[Dataset items]
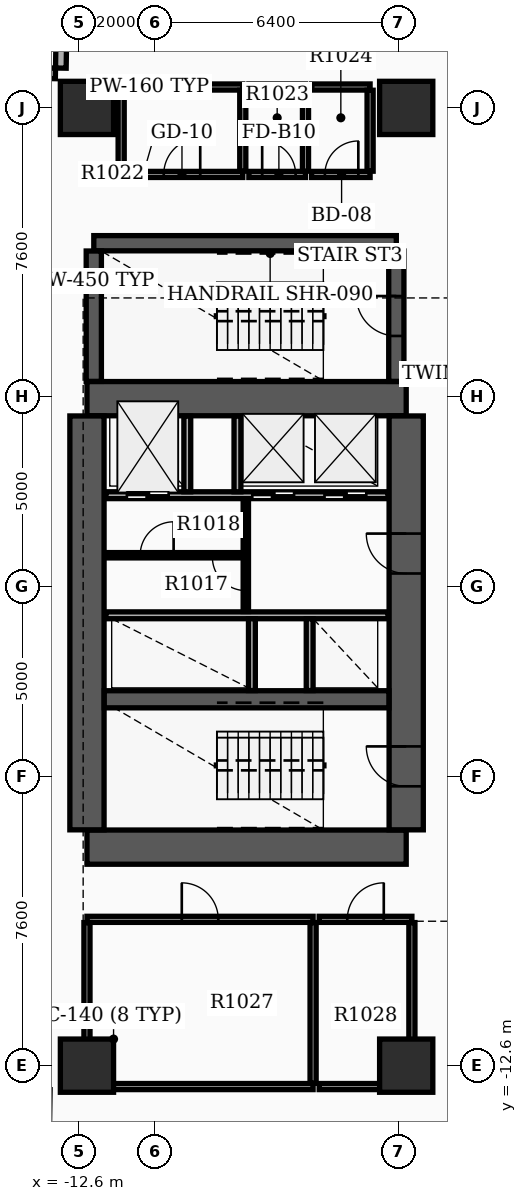
"""IFC4 building model, lengths in metres.
Left out: names, types, materials, properties, quantities, classifications, styles, units other than length and angle.
Written with IfcOpenShell. Run it as: python <this file> out.ifc"""

import sys

from ifc_helpers import new_model, si_unit, direction, frame, frame_2d, origin, origin_2d, place, context, subcontext, project, spatial, rectangle, extrude, element, fill, save


model = new_model("IFC4")
c1 = context("Model", 3, precision=1e-05, world=origin(), true_north=direction((0.0, 1.0)))
c2 = subcontext(c1, "Body", "Model", "MODEL_VIEW")
j1 = project(units=[si_unit("LENGTHUNIT", "METRE"), si_unit("PLANEANGLEUNIT", "RADIAN")], contexts=[c1])
p1 = place(None, origin())
s1 = spatial("IfcSite", under=j1, at=p1, CompositionType="ELEMENT")
p2 = place(p1, origin())
s2 = spatial("IfcBuilding", under=s1, at=p2, CompositionType="ELEMENT")
p3 = place(p2, frame((0.0, 0.0, 67.8)))
s3 = spatial("IfcBuildingStorey", under=s2, at=p3, CompositionType="ELEMENT", Elevation=67.8)
for number, where, z_axis, x_axis in (
    (1, (-12.4, -6.85, 0.0), (0.0, 0.0, 1.0), (1.0, 0.0, 0.0)),
    (2, (-12.4, 4.95, 0.0), (0.0, 0.0, 1.0), (1.0, 0.0, 0.0)),
):
    element("IfcWall", number, at=place(p3, frame(where, z_axis=z_axis, x_axis=x_axis)), inside=s3, PredefinedType="SHEAR", context=c2, shape_type="SweptSolid", body=[
        extrude(rectangle(XDim=8.4, YDim=0.9, at=frame_2d((4.2, 0.0))), origin(), (0.0, 0.0, 1.0), 3.7),
    ])
p4 = place(p3, frame((-12.4, -6.395, 0.0), z_axis=(0.0, 0.0, 1.0), x_axis=(0.0, 1.0, 0.0)))
e3 = element("IfcWall", 3, at=p4, inside=s3, PredefinedType="SHEAR", context=c2, shape_type="SweptSolid", body=[
    extrude(rectangle(XDim=10.89, YDim=0.9, at=frame_2d((5.445, 0.0))), origin(), (0.0, 0.0, 1.0), 3.7),
])
p5 = place(p3, frame((-4.0, -6.395, 0.0), z_axis=(0.0, 0.0, 1.0), x_axis=(0.0, 1.0, 0.0)))
e4 = element("IfcWall", 4, at=p5, inside=s3, PredefinedType="SHEAR", context=c2, shape_type="SweptSolid", body=[
    extrude(rectangle(XDim=10.89, YDim=0.9, at=frame_2d((5.445, 0.0))), origin(), (0.0, 0.0, 1.0), 3.7),
])
p6 = place(p5, frame((1.145, 0.0, 0.0)))
e5 = element("IfcOpeningElement", 5, at=p6, cuts=e4, PredefinedType="OPENING", context=c2, shape_type="SweptSolid", body=[
    extrude(rectangle(XDim=1.05, YDim=2.15, at=frame_2d((0.525, 1.075))), frame((0.0, 0.46, 0.0), z_axis=(0.0, -1.0, 0.0), x_axis=(1.0, 0.0, 0.0)), (0.0, 0.0, 1.0), 0.92),
])
p7 = place(p5, frame((6.745, 0.0, 0.0)))
e6 = element("IfcOpeningElement", 6, at=p7, cuts=e4, PredefinedType="OPENING", context=c2, shape_type="SweptSolid", body=[
    extrude(rectangle(XDim=1.05, YDim=2.15, at=frame_2d((0.525, 1.075))), frame((0.0, 0.46, 0.0), z_axis=(0.0, -1.0, 0.0), x_axis=(1.0, 0.0, 0.0)), (0.0, 0.0, 1.0), 0.92),
])
p8 = place(p3, frame((-11.945, -2.96, 0.0), z_axis=(0.0, 0.0, 1.0), x_axis=(1.0, 0.0, 0.0)))
e7 = element("IfcWall", 7, at=p8, inside=s3, PredefinedType="SHEAR", context=c2, shape_type="SweptSolid", body=[
    extrude(rectangle(XDim=7.49, YDim=0.45, at=frame_2d((3.745, 0.0))), origin(), (0.0, 0.0, 1.0), 3.7),
])
p9 = place(p3, frame((-12.22, 9.04, 0.0), z_axis=(0.0, 0.0, 1.0), x_axis=(1.0, 0.0, 0.0)))
e8 = element("IfcWall", 8, at=p9, inside=s3, PredefinedType="SHEAR", context=c2, shape_type="SweptSolid", body=[
    extrude(rectangle(XDim=7.96, YDim=0.4, at=frame_2d((3.98, 0.0))), origin(), (0.0, 0.0, 1.0), 3.7),
])
p10 = place(p3, frame((-12.22, 5.405, 0.0), z_axis=(0.0, 0.0, 1.0), x_axis=(0.0, 1.0, 0.0)))
e9 = element("IfcWall", 9, at=p10, inside=s3, PredefinedType="SHEAR", context=c2, shape_type="SweptSolid", body=[
    extrude(rectangle(XDim=3.43, YDim=0.4, at=frame_2d((1.715, 0.0))), origin(), (0.0, 0.0, 1.0), 3.7),
])
p11 = place(p3, frame((-4.26, 5.405, 0.0), z_axis=(0.0, 0.0, 1.0), x_axis=(0.0, 1.0, 0.0)))
e10 = element("IfcWall", 10, at=p11, inside=s3, PredefinedType="SHEAR", context=c2, shape_type="SweptSolid", body=[
    extrude(rectangle(XDim=3.43, YDim=0.4, at=frame_2d((1.715, 0.0))), origin(), (0.0, 0.0, 1.0), 3.7),
])
p12 = place(p11, frame((1.195, 0.0, 0.0)))
e11 = element("IfcOpeningElement", 11, at=p12, cuts=e10, PredefinedType="OPENING", context=c2, shape_type="SweptSolid", body=[
    extrude(rectangle(XDim=1.05, YDim=2.15, at=frame_2d((0.525, 1.075))), frame((0.0, 0.21, 0.0), z_axis=(0.0, -1.0, 0.0), x_axis=(1.0, 0.0, 0.0)), (0.0, 0.0, 1.0), 0.42),
])
for number, where, z_axis, x_axis in (
    (12, (-12.4, -12.6, 0.0), (0.0, 0.0, 1.0), (1.0, 0.0, 0.0)),
    (13, (-12.4, 12.6, 0.0), (0.0, 0.0, 1.0), (1.0, 0.0, 0.0)),
    (14, (-4.0, -12.6, 0.0), (0.0, 0.0, 1.0), (1.0, 0.0, 0.0)),
    (15, (-4.0, 12.6, 0.0), (0.0, 0.0, 1.0), (1.0, 0.0, 0.0)),
):
    element("IfcColumn", number, at=place(p3, frame(where, z_axis=z_axis, x_axis=x_axis)), inside=s3, PredefinedType="COLUMN", context=c2, shape_type="SweptSolid", body=[
        extrude(rectangle(XDim=1.4, YDim=1.4, at=origin_2d()), origin(), (0.0, 0.0, 1.0), 3.9),
    ])
p13 = place(p3, frame((-14.449, 13.529, 0.0), z_axis=(0.0, 0.0, 1.0), x_axis=(0.999878147354, -0.015610587569, 0.0)))
e16 = element("IfcWall", 16, at=p13, inside=s3, PredefinedType="STANDARD", context=c2, shape_type="SweptSolid", body=[
    extrude(rectangle(XDim=1.22, YDim=0.28, at=frame_2d((0.61, 0.0))), origin(), (0.0, 0.0, 1.0), 2.91),
])
p14 = place(p3, frame((-13.087, 13.647, 0.0), z_axis=(0.0, 0.0, 1.0), x_axis=(0.015785793208, 0.999875396603, 0.0)))
e17 = element("IfcWall", 17, at=p14, inside=s3, PredefinedType="STANDARD", context=c2, shape_type="SweptSolid", body=[
    extrude(rectangle(XDim=1.5, YDim=0.28, at=frame_2d((0.75, 0.0))), origin(), (0.0, 0.0, 1.0), 2.91),
])
p15 = place(p3, frame((-11.9, 2.41, 0.0), z_axis=(0.0, 0.0, 1.0), x_axis=(1.0, 0.0, 0.0)))
e18 = element("IfcWall", 18, at=p15, inside=s3, PredefinedType="SOLIDWALL", context=c2, shape_type="SweptSolid", body=[
    extrude(rectangle(XDim=7.42, YDim=0.18, at=frame_2d((3.71, 0.0))), origin(), (0.0, 0.0, 1.0), 2.9),
])
p16 = place(p15, frame((0.55, 0.0, 0.0)))
e19 = element("IfcOpeningElement", 19, at=p16, cuts=e18, PredefinedType="OPENING", context=c2, shape_type="SweptSolid", body=[
    extrude(rectangle(XDim=1.1, YDim=2.15, at=frame_2d((0.55, 1.075))), frame((0.0, 0.1, 0.0), z_axis=(0.0, -1.0, 0.0), x_axis=(1.0, 0.0, 0.0)), (0.0, 0.0, 1.0), 0.2),
])
p17 = place(p15, frame((3.85, 0.0, 0.0)))
e20 = element("IfcOpeningElement", 20, at=p17, cuts=e18, PredefinedType="OPENING", context=c2, shape_type="SweptSolid", body=[
    extrude(rectangle(XDim=1.1, YDim=2.15, at=frame_2d((0.55, 1.075))), frame((0.0, 0.1, 0.0), z_axis=(0.0, -1.0, 0.0), x_axis=(1.0, 0.0, 0.0)), (0.0, 0.0, 1.0), 0.2),
])
p18 = place(p15, frame((5.75, 0.0, 0.0)))
e21 = element("IfcOpeningElement", 21, at=p18, cuts=e18, PredefinedType="OPENING", context=c2, shape_type="SweptSolid", body=[
    extrude(rectangle(XDim=1.1, YDim=2.15, at=frame_2d((0.55, 1.075))), frame((0.0, 0.1, 0.0), z_axis=(0.0, -1.0, 0.0), x_axis=(1.0, 0.0, 0.0)), (0.0, 0.0, 1.0), 0.2),
])
p19 = place(p3, frame((-11.9, -0.75, 0.0), z_axis=(0.0, 0.0, 1.0), x_axis=(1.0, 0.0, 0.0)))
e22 = element("IfcWall", 22, at=p19, inside=s3, PredefinedType="SOLIDWALL", context=c2, shape_type="SweptSolid", body=[
    extrude(rectangle(XDim=7.42, YDim=0.18, at=frame_2d((3.71, 0.0))), origin(), (0.0, 0.0, 1.0), 2.9),
])
for number, where, z_axis, x_axis in (
    (23, (-9.76, 2.5, 0.0), (0.0, 0.0, 1.0), (0.0, 1.0, 0.0)),
    (24, (-8.44, 2.5, 0.0), (0.0, 0.0, 1.0), (0.0, 1.0, 0.0)),
):
    element("IfcWall", number, at=place(p3, frame(where, z_axis=z_axis, x_axis=x_axis)), inside=s3, PredefinedType="SOLIDWALL", context=c2, shape_type="SweptSolid", body=[
        extrude(rectangle(XDim=1.99, YDim=0.18, at=frame_2d((0.995, 0.0))), origin(), (0.0, 0.0, 1.0), 2.9),
    ])
for number, where, z_axis, x_axis in (
    (25, (-8.06, -2.73, 0.0), (0.0, 0.0, 1.0), (0.0, 1.0, 0.0)),
    (26, (-6.54, -2.73, 0.0), (0.0, 0.0, 1.0), (0.0, 1.0, 0.0)),
):
    element("IfcWall", number, at=place(p3, frame(where, z_axis=z_axis, x_axis=x_axis)), inside=s3, PredefinedType="SOLIDWALL", context=c2, shape_type="SweptSolid", body=[
        extrude(rectangle(XDim=1.89, YDim=0.18, at=frame_2d((0.945, 0.0))), origin(), (0.0, 0.0, 1.0), 2.9),
    ])
p20 = place(p3, frame((-8.22, -0.65, 0.0), z_axis=(0.0, 0.0, 1.0), x_axis=(0.0, 1.0, 0.0)))
e27 = element("IfcWall", 27, at=p20, inside=s3, PredefinedType="SOLIDWALL", context=c2, shape_type="SweptSolid", body=[
    extrude(rectangle(XDim=2.96, YDim=0.14, at=frame_2d((1.48, 0.0))), origin(), (0.0, 0.0, 1.0), 2.9),
])
p21 = place(p20, frame((0.55, 0.0, 0.0)))
e28 = element("IfcOpeningElement", 28, at=p21, cuts=e27, PredefinedType="OPENING", context=c2, shape_type="SweptSolid", body=[
    extrude(rectangle(XDim=0.88, YDim=2.1, at=frame_2d((0.44, 1.05))), frame((0.0, 0.08, 0.0), z_axis=(0.0, -1.0, 0.0), x_axis=(1.0, 0.0, 0.0)), (0.0, 0.0, 1.0), 0.16),
])
p22 = place(p3, frame((-11.85, 0.83, 0.0), z_axis=(0.0, 0.0, 1.0), x_axis=(1.0, 0.0, 0.0)))
e29 = element("IfcWall", 29, at=p22, inside=s3, PredefinedType="PARTITIONING", context=c2, shape_type="SweptSolid", body=[
    extrude(rectangle(XDim=3.552, YDim=0.14, at=frame_2d((1.776, 0.0))), origin(), (0.0, 0.0, 1.0), 2.9),
])
p23 = place(p22, frame((0.85, 0.0, 0.0)))
e30 = element("IfcOpeningElement", 30, at=p23, cuts=e29, PredefinedType="OPENING", context=c2, shape_type="SweptSolid", body=[
    extrude(rectangle(XDim=0.88, YDim=2.1, at=frame_2d((0.44, 1.05))), frame((0.0, 0.08, 0.0), z_axis=(0.0, -1.0, 0.0), x_axis=(1.0, 0.0, 0.0)), (0.0, 0.0, 1.0), 0.16),
])
p24 = place(p3, frame((-11.5, 10.85, 0.0), z_axis=(0.0, 0.0, 1.0), x_axis=(1.0, 0.0, 0.0)))
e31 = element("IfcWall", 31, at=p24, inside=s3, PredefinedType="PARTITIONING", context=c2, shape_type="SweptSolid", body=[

GOAL OF THE EXERCISE: Display each line of the data where "CompositionType" occurs.

COMPLETED EXERCISE:
s1 = spatial("IfcSite", under=j1, at=p1, CompositionType="ELEMENT")
s2 = spatial("IfcBuilding", under=s1, at=p2, CompositionType="ELEMENT")
s3 = spatial("IfcBuildingStorey", under=s2, at=p3, CompositionType="ELEMENT", Elevation=67.8)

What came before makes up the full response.